BEGIN GIVEN RECORDS
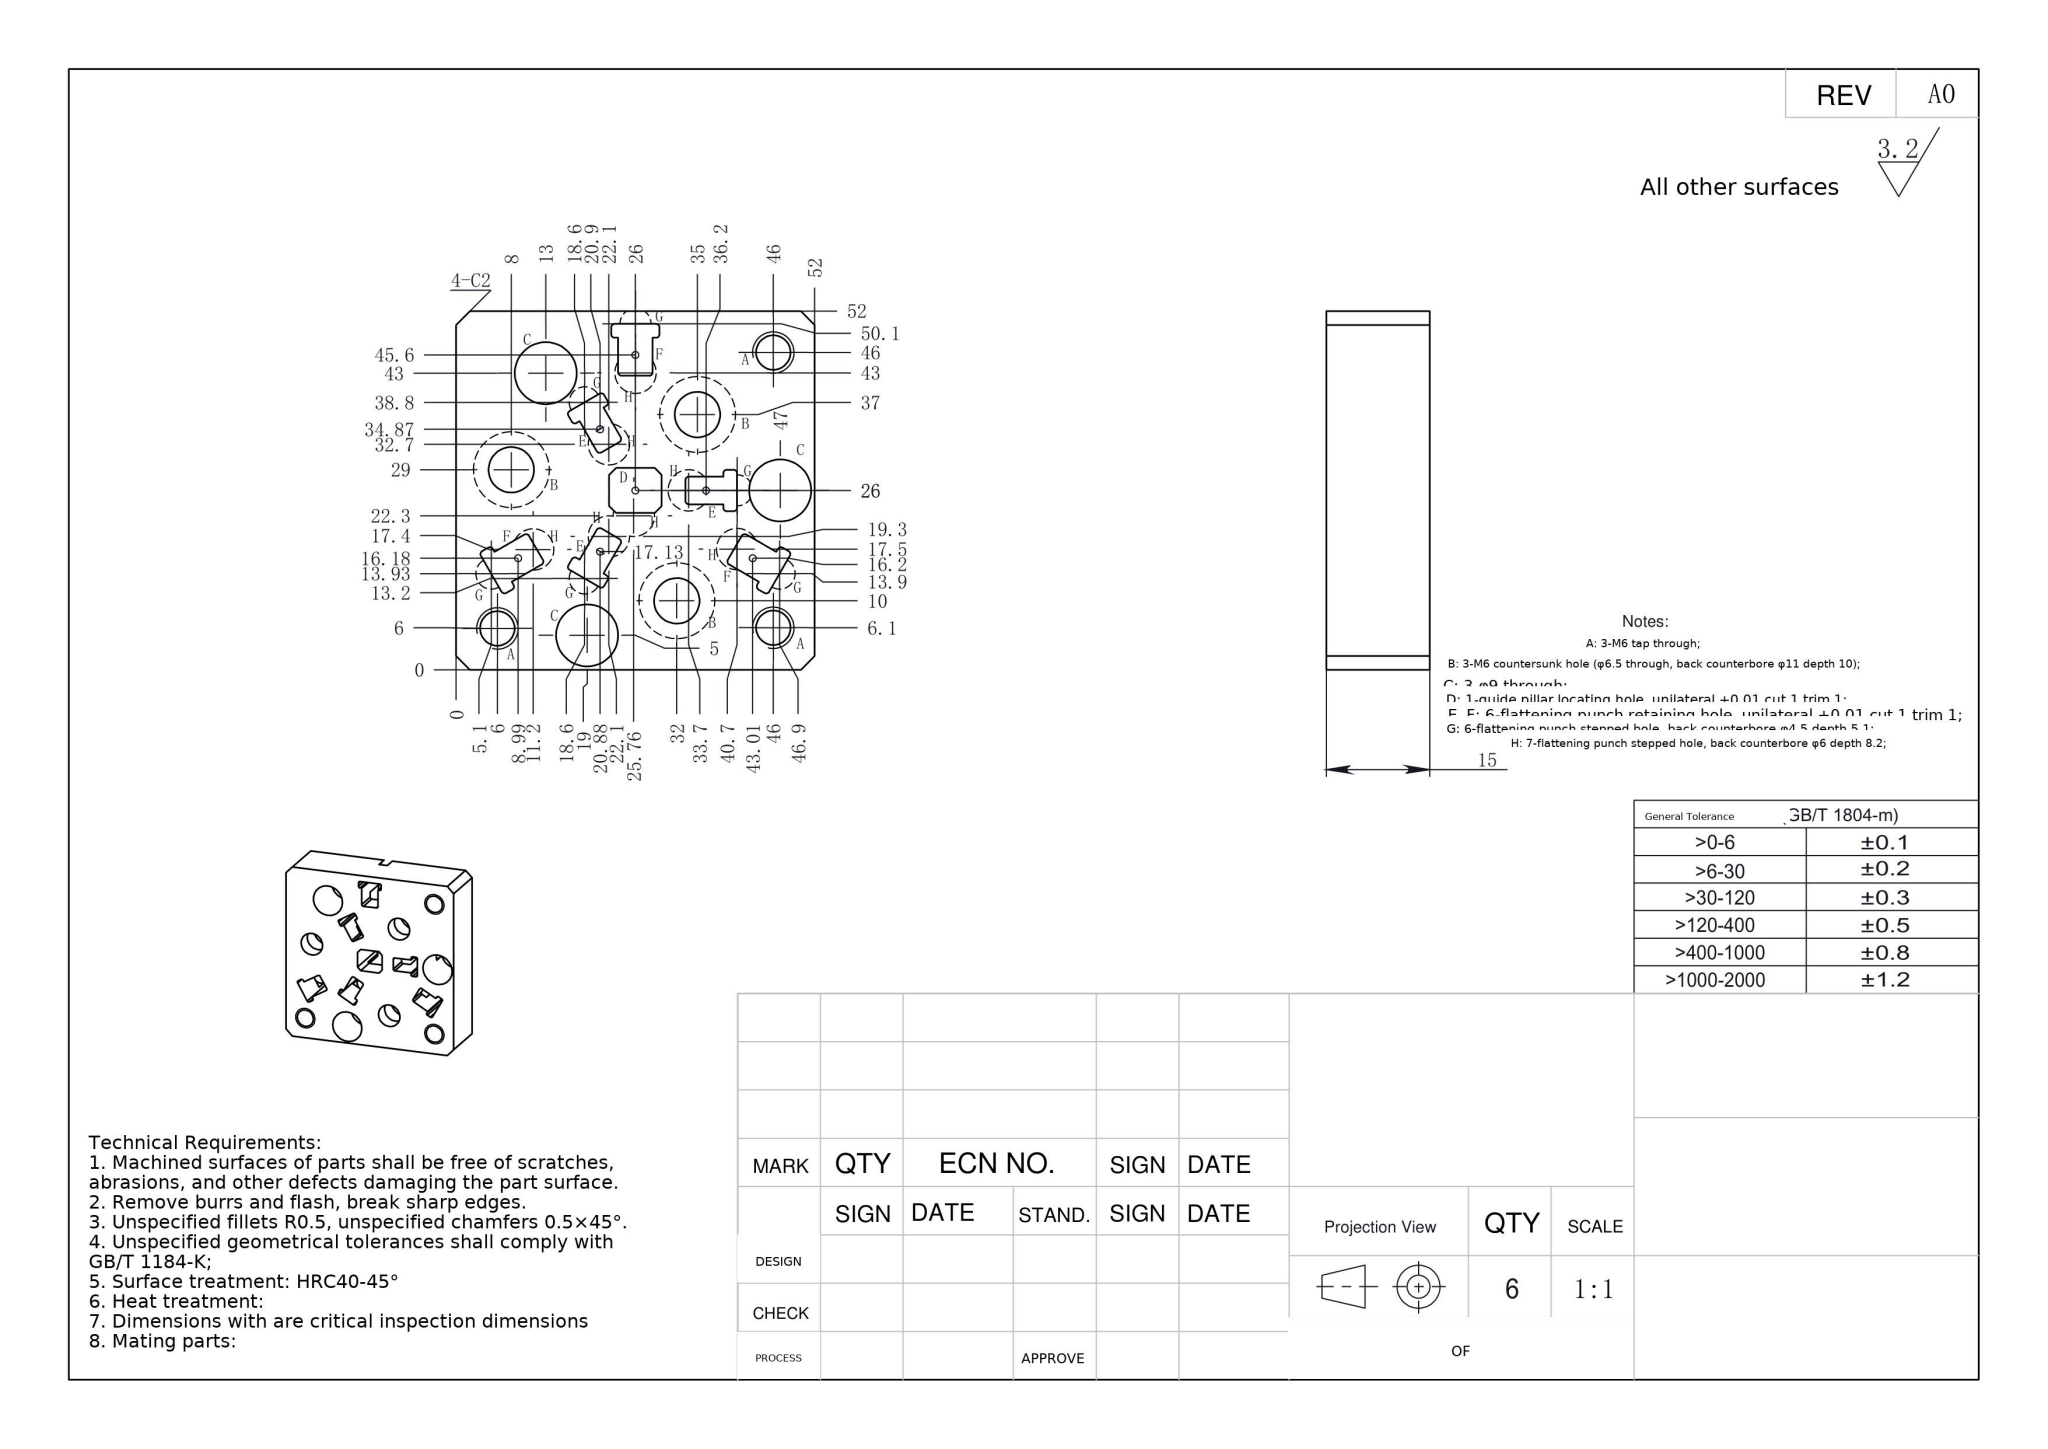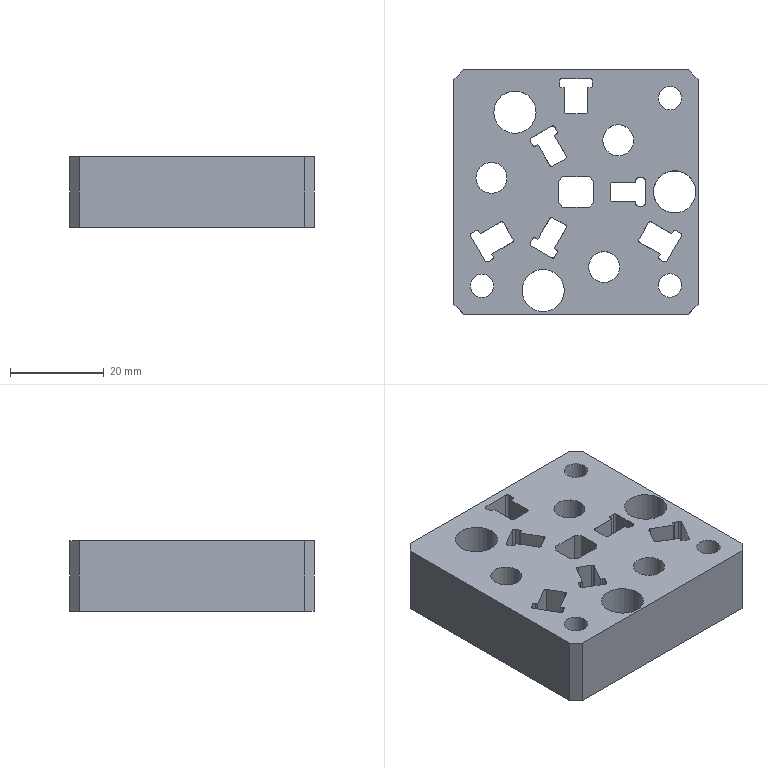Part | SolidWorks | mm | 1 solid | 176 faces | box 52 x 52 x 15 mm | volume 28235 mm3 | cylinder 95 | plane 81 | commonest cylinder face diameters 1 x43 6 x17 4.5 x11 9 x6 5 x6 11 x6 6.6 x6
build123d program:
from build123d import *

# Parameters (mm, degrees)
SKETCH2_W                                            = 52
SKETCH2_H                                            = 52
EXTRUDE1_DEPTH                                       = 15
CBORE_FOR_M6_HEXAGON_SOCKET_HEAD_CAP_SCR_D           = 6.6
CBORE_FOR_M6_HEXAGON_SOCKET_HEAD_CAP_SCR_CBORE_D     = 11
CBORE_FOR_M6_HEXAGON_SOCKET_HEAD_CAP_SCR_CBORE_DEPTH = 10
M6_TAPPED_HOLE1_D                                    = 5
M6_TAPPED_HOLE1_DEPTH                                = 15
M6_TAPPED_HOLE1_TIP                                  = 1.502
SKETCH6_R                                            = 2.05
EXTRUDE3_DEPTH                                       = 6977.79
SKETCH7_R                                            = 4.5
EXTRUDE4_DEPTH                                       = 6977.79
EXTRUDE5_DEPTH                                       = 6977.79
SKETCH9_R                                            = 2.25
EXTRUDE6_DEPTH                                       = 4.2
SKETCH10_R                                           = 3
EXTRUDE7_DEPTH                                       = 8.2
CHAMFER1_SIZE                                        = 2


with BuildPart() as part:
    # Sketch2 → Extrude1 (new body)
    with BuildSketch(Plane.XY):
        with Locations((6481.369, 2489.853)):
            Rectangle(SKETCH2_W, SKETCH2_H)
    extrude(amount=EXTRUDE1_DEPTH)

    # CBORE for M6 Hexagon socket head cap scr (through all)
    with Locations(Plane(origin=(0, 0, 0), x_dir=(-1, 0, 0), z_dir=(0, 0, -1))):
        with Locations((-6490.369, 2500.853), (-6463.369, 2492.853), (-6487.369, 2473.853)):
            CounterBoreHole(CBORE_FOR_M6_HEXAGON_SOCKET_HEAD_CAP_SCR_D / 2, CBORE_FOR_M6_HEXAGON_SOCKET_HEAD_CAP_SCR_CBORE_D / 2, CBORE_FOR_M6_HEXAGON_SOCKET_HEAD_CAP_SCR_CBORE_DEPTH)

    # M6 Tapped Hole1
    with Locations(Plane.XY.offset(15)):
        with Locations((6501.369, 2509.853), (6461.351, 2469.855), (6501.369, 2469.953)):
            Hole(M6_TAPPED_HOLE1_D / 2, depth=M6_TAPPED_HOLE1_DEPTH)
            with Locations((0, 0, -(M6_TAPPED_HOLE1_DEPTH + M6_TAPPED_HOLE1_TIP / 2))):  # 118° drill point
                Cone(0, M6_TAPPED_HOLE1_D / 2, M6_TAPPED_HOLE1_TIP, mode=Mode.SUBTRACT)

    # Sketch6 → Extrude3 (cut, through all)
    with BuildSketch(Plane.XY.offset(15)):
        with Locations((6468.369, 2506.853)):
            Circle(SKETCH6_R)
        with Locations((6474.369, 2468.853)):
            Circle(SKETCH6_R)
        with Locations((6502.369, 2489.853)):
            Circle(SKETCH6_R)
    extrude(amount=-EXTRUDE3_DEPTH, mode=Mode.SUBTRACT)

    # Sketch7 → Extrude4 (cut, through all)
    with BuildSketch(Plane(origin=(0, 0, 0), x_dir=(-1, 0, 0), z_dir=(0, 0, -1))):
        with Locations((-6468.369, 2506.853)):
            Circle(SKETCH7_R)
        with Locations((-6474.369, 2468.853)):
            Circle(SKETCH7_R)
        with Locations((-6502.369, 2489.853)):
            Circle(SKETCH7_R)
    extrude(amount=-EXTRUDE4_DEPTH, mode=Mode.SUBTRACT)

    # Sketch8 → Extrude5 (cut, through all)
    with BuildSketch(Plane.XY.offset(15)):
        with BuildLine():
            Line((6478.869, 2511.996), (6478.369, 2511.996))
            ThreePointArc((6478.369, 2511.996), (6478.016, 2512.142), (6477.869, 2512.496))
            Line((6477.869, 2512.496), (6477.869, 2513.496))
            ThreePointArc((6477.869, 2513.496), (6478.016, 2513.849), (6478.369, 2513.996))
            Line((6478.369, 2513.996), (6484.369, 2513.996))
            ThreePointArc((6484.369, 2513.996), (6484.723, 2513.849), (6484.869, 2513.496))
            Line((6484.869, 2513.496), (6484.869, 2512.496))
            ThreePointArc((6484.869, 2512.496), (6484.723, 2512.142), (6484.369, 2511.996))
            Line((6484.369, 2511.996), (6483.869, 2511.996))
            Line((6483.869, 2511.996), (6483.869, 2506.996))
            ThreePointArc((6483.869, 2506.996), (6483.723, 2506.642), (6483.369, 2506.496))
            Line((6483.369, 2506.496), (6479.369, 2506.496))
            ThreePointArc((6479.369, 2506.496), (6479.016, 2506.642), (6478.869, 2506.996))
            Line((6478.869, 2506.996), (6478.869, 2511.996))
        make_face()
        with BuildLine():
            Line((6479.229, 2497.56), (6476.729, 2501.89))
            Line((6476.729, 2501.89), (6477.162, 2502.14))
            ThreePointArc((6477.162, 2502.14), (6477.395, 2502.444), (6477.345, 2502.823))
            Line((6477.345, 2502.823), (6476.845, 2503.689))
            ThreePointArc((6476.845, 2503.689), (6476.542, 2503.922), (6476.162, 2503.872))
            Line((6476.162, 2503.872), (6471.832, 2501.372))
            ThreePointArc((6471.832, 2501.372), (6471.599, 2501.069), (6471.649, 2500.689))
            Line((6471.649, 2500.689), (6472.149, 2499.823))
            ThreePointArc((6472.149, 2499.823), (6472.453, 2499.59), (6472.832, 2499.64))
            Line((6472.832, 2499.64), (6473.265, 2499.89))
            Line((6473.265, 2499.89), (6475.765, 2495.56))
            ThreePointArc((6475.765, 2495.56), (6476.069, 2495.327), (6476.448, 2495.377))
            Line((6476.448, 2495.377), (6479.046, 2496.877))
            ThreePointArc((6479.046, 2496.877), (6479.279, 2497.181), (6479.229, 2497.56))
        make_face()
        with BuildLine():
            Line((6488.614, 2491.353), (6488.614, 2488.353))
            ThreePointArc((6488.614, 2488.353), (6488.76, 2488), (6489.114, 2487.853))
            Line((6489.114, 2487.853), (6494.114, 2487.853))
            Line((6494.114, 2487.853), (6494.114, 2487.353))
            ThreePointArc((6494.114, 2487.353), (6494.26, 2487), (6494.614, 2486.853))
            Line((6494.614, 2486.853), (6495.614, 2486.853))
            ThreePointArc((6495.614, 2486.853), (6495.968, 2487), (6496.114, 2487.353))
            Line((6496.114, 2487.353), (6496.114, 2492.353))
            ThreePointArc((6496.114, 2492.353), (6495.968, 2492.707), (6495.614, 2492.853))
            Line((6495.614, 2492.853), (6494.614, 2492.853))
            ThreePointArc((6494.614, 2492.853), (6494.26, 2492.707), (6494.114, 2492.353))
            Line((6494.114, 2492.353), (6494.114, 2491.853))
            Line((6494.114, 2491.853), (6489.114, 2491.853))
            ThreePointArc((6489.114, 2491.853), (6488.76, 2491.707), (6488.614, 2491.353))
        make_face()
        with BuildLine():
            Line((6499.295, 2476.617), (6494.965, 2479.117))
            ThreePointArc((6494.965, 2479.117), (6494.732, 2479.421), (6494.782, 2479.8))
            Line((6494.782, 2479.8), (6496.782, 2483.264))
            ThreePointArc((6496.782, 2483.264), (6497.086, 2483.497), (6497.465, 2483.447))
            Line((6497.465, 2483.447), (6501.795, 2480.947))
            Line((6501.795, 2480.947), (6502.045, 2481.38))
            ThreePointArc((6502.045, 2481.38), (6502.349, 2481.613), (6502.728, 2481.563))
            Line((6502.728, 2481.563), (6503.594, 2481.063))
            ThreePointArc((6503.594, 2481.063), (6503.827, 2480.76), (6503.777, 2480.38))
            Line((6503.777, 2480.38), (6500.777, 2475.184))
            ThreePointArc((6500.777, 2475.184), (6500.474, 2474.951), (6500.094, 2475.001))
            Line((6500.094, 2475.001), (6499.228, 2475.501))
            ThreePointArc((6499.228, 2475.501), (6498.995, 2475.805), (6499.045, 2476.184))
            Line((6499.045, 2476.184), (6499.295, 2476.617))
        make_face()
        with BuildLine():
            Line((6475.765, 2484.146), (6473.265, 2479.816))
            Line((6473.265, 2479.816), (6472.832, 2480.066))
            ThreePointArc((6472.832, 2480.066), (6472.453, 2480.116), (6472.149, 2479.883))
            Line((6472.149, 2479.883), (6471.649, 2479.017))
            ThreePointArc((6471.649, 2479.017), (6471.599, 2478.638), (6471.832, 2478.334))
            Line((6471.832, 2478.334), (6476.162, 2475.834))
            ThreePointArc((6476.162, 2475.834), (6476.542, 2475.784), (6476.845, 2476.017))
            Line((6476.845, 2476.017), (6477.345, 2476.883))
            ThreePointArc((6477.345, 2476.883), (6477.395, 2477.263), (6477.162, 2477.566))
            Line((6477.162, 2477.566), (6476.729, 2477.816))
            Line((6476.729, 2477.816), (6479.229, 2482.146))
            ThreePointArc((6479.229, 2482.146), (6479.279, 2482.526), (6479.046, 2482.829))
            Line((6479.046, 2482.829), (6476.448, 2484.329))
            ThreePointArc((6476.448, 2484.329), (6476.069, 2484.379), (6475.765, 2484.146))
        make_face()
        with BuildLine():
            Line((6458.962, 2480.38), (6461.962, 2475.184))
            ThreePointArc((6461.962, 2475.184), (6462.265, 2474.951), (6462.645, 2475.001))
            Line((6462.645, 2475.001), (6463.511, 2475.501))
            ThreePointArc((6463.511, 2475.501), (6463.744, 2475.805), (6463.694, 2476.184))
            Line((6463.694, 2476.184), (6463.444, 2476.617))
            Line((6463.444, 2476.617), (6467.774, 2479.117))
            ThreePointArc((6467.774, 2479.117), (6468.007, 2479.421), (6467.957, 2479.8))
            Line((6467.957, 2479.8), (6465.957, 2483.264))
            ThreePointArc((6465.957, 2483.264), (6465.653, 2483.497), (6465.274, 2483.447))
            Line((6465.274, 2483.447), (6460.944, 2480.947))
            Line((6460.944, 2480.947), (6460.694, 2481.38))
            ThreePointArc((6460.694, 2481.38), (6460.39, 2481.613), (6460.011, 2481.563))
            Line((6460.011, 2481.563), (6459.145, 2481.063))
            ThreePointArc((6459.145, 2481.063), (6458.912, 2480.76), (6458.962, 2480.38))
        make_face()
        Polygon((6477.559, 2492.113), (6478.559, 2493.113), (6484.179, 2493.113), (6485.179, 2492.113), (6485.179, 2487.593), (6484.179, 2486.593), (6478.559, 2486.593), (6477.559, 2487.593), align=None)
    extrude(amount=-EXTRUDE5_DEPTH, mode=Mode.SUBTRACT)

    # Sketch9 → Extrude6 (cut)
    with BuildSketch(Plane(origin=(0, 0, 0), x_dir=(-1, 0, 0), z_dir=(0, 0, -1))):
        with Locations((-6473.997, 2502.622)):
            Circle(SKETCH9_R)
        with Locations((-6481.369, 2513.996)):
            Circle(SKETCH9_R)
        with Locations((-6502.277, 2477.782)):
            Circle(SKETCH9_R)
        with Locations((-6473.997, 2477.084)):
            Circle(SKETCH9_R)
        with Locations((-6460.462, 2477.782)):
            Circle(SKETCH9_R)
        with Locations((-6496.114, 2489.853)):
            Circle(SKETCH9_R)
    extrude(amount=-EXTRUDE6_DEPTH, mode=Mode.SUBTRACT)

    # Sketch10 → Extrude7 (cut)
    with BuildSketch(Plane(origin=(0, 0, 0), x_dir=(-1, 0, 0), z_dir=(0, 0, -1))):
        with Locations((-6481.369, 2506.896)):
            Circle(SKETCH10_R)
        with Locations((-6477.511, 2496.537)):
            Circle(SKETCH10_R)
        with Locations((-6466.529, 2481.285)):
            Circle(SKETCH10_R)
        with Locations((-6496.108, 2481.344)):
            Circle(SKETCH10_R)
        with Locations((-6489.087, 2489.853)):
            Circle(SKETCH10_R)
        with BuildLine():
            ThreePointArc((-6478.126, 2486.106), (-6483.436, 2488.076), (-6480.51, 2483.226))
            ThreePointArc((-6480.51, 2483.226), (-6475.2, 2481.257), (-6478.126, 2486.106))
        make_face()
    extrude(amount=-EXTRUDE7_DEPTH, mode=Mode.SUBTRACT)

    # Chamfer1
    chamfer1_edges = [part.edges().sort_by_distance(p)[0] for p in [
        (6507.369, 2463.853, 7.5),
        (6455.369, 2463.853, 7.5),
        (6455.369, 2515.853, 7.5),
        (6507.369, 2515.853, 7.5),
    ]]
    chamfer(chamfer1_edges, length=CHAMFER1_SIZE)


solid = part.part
END GIVEN RECORDS
All lines above from the line with "2483.497), (6497.465, 2483.447))" through the line with "2478.638), (6471.832, 2478.334))", both included, are to be set down exactly, with nothing else.

- **ANSWER AREA**
            ThreePointArc((6496.782, 2483.264), (6497.086, 2483.497), (6497.465, 2483.447))
            Line((6497.465, 2483.447), (6501.795, 2480.947))
            Line((6501.795, 2480.947), (6502.045, 2481.38))
            ThreePointArc((6502.045, 2481.38), (6502.349, 2481.613), (6502.728, 2481.563))
            Line((6502.728, 2481.563), (6503.594, 2481.063))
            ThreePointArc((6503.594, 2481.063), (6503.827, 2480.76), (6503.777, 2480.38))
            Line((6503.777, 2480.38), (6500.777, 2475.184))
            ThreePointArc((6500.777, 2475.184), (6500.474, 2474.951), (6500.094, 2475.001))
            Line((6500.094, 2475.001), (6499.228, 2475.501))
            ThreePointArc((6499.228, 2475.501), (6498.995, 2475.805), (6499.045, 2476.184))
            Line((6499.045, 2476.184), (6499.295, 2476.617))
        make_face()
        with BuildLine():
            Line((6475.765, 2484.146), (6473.265, 2479.816))
            Line((6473.265, 2479.816), (6472.832, 2480.066))
            ThreePointArc((6472.832, 2480.066), (6472.453, 2480.116), (6472.149, 2479.883))
            Line((6472.149, 2479.883), (6471.649, 2479.017))
            ThreePointArc((6471.649, 2479.017), (6471.599, 2478.638), (6471.832, 2478.334))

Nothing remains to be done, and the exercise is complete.